[Extracted records]
====================

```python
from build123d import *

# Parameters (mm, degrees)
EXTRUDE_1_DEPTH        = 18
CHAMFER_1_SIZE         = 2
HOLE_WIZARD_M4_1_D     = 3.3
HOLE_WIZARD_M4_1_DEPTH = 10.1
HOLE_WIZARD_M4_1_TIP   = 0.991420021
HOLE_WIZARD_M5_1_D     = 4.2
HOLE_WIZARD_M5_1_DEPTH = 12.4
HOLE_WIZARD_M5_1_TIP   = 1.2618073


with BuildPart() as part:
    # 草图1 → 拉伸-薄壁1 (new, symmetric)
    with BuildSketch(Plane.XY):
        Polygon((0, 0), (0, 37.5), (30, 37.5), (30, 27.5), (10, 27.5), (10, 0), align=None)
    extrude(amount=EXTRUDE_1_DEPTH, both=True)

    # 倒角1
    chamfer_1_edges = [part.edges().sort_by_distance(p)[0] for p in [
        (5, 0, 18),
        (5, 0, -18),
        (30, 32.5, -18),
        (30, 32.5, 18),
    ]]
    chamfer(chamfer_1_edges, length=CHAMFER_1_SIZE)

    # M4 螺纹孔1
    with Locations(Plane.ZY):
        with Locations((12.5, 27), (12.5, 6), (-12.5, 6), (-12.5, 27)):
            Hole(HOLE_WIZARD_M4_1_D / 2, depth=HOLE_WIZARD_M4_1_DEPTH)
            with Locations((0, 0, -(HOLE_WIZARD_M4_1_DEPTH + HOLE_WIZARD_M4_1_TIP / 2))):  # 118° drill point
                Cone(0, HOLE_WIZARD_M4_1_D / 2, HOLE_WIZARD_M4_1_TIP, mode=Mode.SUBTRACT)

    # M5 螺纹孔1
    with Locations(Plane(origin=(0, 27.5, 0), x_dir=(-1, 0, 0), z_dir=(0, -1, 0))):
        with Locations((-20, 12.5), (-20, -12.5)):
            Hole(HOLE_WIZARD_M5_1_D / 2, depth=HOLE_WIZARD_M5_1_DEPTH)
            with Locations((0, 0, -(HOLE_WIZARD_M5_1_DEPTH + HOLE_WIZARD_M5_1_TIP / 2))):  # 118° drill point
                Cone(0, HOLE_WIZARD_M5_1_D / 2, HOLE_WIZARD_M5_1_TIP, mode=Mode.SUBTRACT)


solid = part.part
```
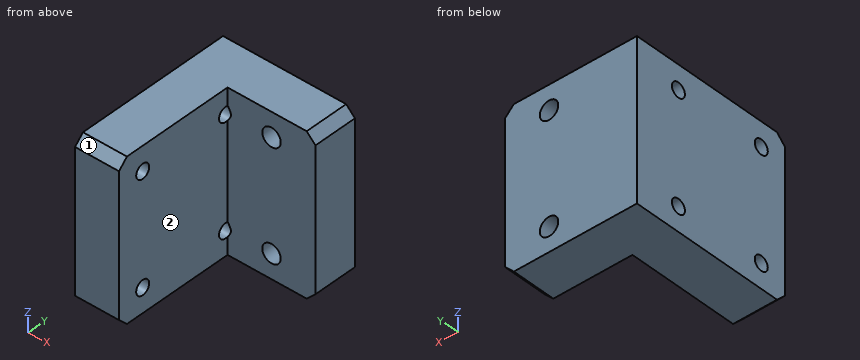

====================

- **TASK PROMPT**: Work out how many lines of the data hold the string "Plane". State only that number.

- **TASK OUTPUT**: 3